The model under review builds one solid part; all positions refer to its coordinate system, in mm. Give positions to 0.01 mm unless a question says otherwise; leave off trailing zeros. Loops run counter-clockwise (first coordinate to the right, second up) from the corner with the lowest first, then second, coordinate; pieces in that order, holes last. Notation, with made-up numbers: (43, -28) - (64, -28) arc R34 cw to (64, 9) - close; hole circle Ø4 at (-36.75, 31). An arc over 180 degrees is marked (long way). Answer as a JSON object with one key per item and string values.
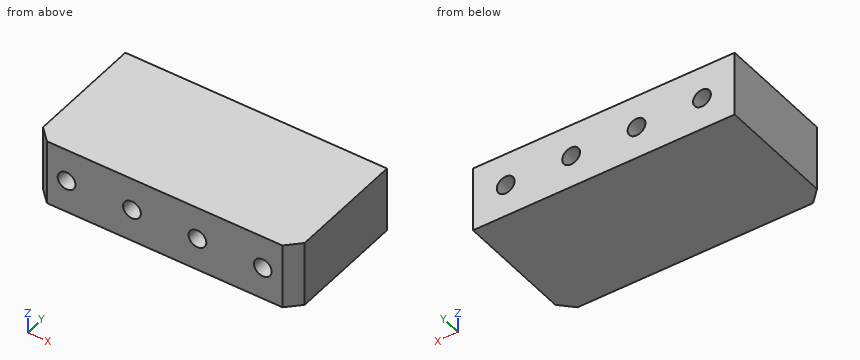
from build123d import *

# Parameters (mm, degrees)
SKETCH1_W           = 100
SKETCH1_H           = 50
BOSS_EXTRUDE1_DEPTH = 25
M8_TAPPED_HOLE1_D   = 6.8
CHAMFER1_SIZE       = 5


with BuildPart() as part:
    # Sketch1 → Boss-Extrude1 (new body)
    with BuildSketch(Plane.XY):
        Rectangle(SKETCH1_W, SKETCH1_H)
    extrude(amount=BOSS_EXTRUDE1_DEPTH)

    # M8 Tapped Hole1 (through all)
    with Locations(Plane(origin=(0, 25, 0), x_dir=(1, 0, 0), z_dir=(0, 1, 0))):
        with Locations((-37.5, -12.5), (-12.5, -12.5), (12.5, -12.5), (37.5, -12.5)):
            Hole(M8_TAPPED_HOLE1_D / 2)

    # Chamfer1
    chamfer1_edges = [part.edges().sort_by_distance(p)[0] for p in [
        (-50, -25, 12.5),
        (50, -25, 12.5),
    ]]
    chamfer(chamfer1_edges, length=CHAMFER1_SIZE)


solid = part.part
Q1. Consider section D-D, the plane x = -11.5. State the section outline as (y, z) points, plus the area to 3 significant figures.
Results:
{"outline": "(-25, 0) - (25, 0) - (25, 9.25) - (-25, 9.25) - close; (-25, 15.75) - (25, 15.75) - (25, 25) - (-25, 25) - close", "area": "925 mm^2"}
Q2. Consider section C-C, the plane z = 12.5. State the section outline as (x, y) points, plus the area to 4 significant figures.
Results:
{"outline": "(-50, -20) - (-45, -25) - (-40.9, -25) - (-40.9, 25) - (-50, 25) - close; (-34.1, -25) - (-15.9, -25) - (-15.9, 25) - (-34.1, 25) - close; (-9.1, -25) - (9.1, -25) - (9.1, 25) - (-9.1, 25) - close; (15.9, -25) - (34.1, -25) - (34.1, 25) - (15.9, 25) - close; (40.9, -25) - (45, -25) - (50, -20) - (50, 25) - (40.9, 25) - close", "area": "3,615 mm^2"}
Q3. To check wall thickness, follow probe 1 along X at (y, z) = (-2.5, 12.5); probe 2 along Z at (x, y) = (-12.5, 21.5); probe 3 along X at (y, z) = (17, 13.75). State the ranges of each line that lie inside material, in increasing order. Write a range as [from, to].
Results:
{"probe 1": "x = [-50, -40.9], [-34.1, -15.9], [-9.1, 9.1], [15.9, 34.1], [40.9, 50]", "probe 2": "z = [0, 9.1], [15.9, 25]", "probe 3": "x = [-50, -40.66], [-34.34, -15.66], [-9.34, 9.34], [15.66, 34.34], [40.66, 50]"}
Q4. Consider section A-A, the plane x = 12.5. State the section outline as (y, z) points, plus the area to 3 significant figures.
Results:
{"outline": "(-25, 0) - (25, 0) - (25, 9.1) - (-25, 9.1) - close; (-25, 15.9) - (25, 15.9) - (25, 25) - (-25, 25) - close", "area": "910 mm^2"}
Q5. Consider section B-B, the plane y = 8. State the section outline as (x, z) points, plus the area to 3 significant figures.
Results:
{"outline": "(-50, 0) - (50, 0) - (50, 25) - (-50, 25) - close; hole circle Ø6.8 at (-37.5, 12.5); hole circle Ø6.8 at (-12.5, 12.5); hole circle Ø6.8 at (12.5, 12.5); hole circle Ø6.8 at (37.5, 12.5)", "area": "2,350 mm^2"}

------------------------

- ASSIGNED TASK:
Before printing the records again, strip out the pictures; change nothing else.

- REPLY:
The model under review builds one solid part; all positions refer to its coordinate system, in mm. Give positions to 0.01 mm unless a question says otherwise; leave off trailing zeros. Loops run counter-clockwise (first coordinate to the right, second up) from the corner with the lowest first, then second, coordinate; pieces in that order, holes last. Notation, with made-up numbers: (43, -28) - (64, -28) arc R34 cw to (64, 9) - close; hole circle Ø4 at (-36.75, 31). An arc over 180 degrees is marked (long way). Answer as a JSON object with one key per item and string values.
from build123d import *

# Parameters (mm, degrees)
SKETCH1_W           = 100
SKETCH1_H           = 50
BOSS_EXTRUDE1_DEPTH = 25
M8_TAPPED_HOLE1_D   = 6.8
CHAMFER1_SIZE       = 5


with BuildPart() as part:
    # Sketch1 → Boss-Extrude1 (new body)
    with BuildSketch(Plane.XY):
        Rectangle(SKETCH1_W, SKETCH1_H)
    extrude(amount=BOSS_EXTRUDE1_DEPTH)

    # M8 Tapped Hole1 (through all)
    with Locations(Plane(origin=(0, 25, 0), x_dir=(1, 0, 0), z_dir=(0, 1, 0))):
        with Locations((-37.5, -12.5), (-12.5, -12.5), (12.5, -12.5), (37.5, -12.5)):
            Hole(M8_TAPPED_HOLE1_D / 2)

    # Chamfer1
    chamfer1_edges = [part.edges().sort_by_distance(p)[0] for p in [
        (-50, -25, 12.5),
        (50, -25, 12.5),
    ]]
    chamfer(chamfer1_edges, length=CHAMFER1_SIZE)


solid = part.part
Q1. Consider section D-D, the plane x = -11.5. State the section outline as (y, z) points, plus the area to 3 significant figures.
Results:
{"outline": "(-25, 0) - (25, 0) - (25, 9.25) - (-25, 9.25) - close; (-25, 15.75) - (25, 15.75) - (25, 25) - (-25, 25) - close", "area": "925 mm^2"}
Q2. Consider section C-C, the plane z = 12.5. State the section outline as (x, y) points, plus the area to 4 significant figures.
Results:
{"outline": "(-50, -20) - (-45, -25) - (-40.9, -25) - (-40.9, 25) - (-50, 25) - close; (-34.1, -25) - (-15.9, -25) - (-15.9, 25) - (-34.1, 25) - close; (-9.1, -25) - (9.1, -25) - (9.1, 25) - (-9.1, 25) - close; (15.9, -25) - (34.1, -25) - (34.1, 25) - (15.9, 25) - close; (40.9, -25) - (45, -25) - (50, -20) - (50, 25) - (40.9, 25) - close", "area": "3,615 mm^2"}
Q3. To check wall thickness, follow probe 1 along X at (y, z) = (-2.5, 12.5); probe 2 along Z at (x, y) = (-12.5, 21.5); probe 3 along X at (y, z) = (17, 13.75). State the ranges of each line that lie inside material, in increasing order. Write a range as [from, to].
Results:
{"probe 1": "x = [-50, -40.9], [-34.1, -15.9], [-9.1, 9.1], [15.9, 34.1], [40.9, 50]", "probe 2": "z = [0, 9.1], [15.9, 25]", "probe 3": "x = [-50, -40.66], [-34.34, -15.66], [-9.34, 9.34], [15.66, 34.34], [40.66, 50]"}
Q4. Consider section A-A, the plane x = 12.5. State the section outline as (y, z) points, plus the area to 3 significant figures.
Results:
{"outline": "(-25, 0) - (25, 0) - (25, 9.1) - (-25, 9.1) - close; (-25, 15.9) - (25, 15.9) - (25, 25) - (-25, 25) - close", "area": "910 mm^2"}
Q5. Consider section B-B, the plane y = 8. State the section outline as (x, z) points, plus the area to 3 significant figures.
Results:
{"outline": "(-50, 0) - (50, 0) - (50, 25) - (-50, 25) - close; hole circle Ø6.8 at (-37.5, 12.5); hole circle Ø6.8 at (-12.5, 12.5); hole circle Ø6.8 at (12.5, 12.5); hole circle Ø6.8 at (37.5, 12.5)", "area": "2,350 mm^2"}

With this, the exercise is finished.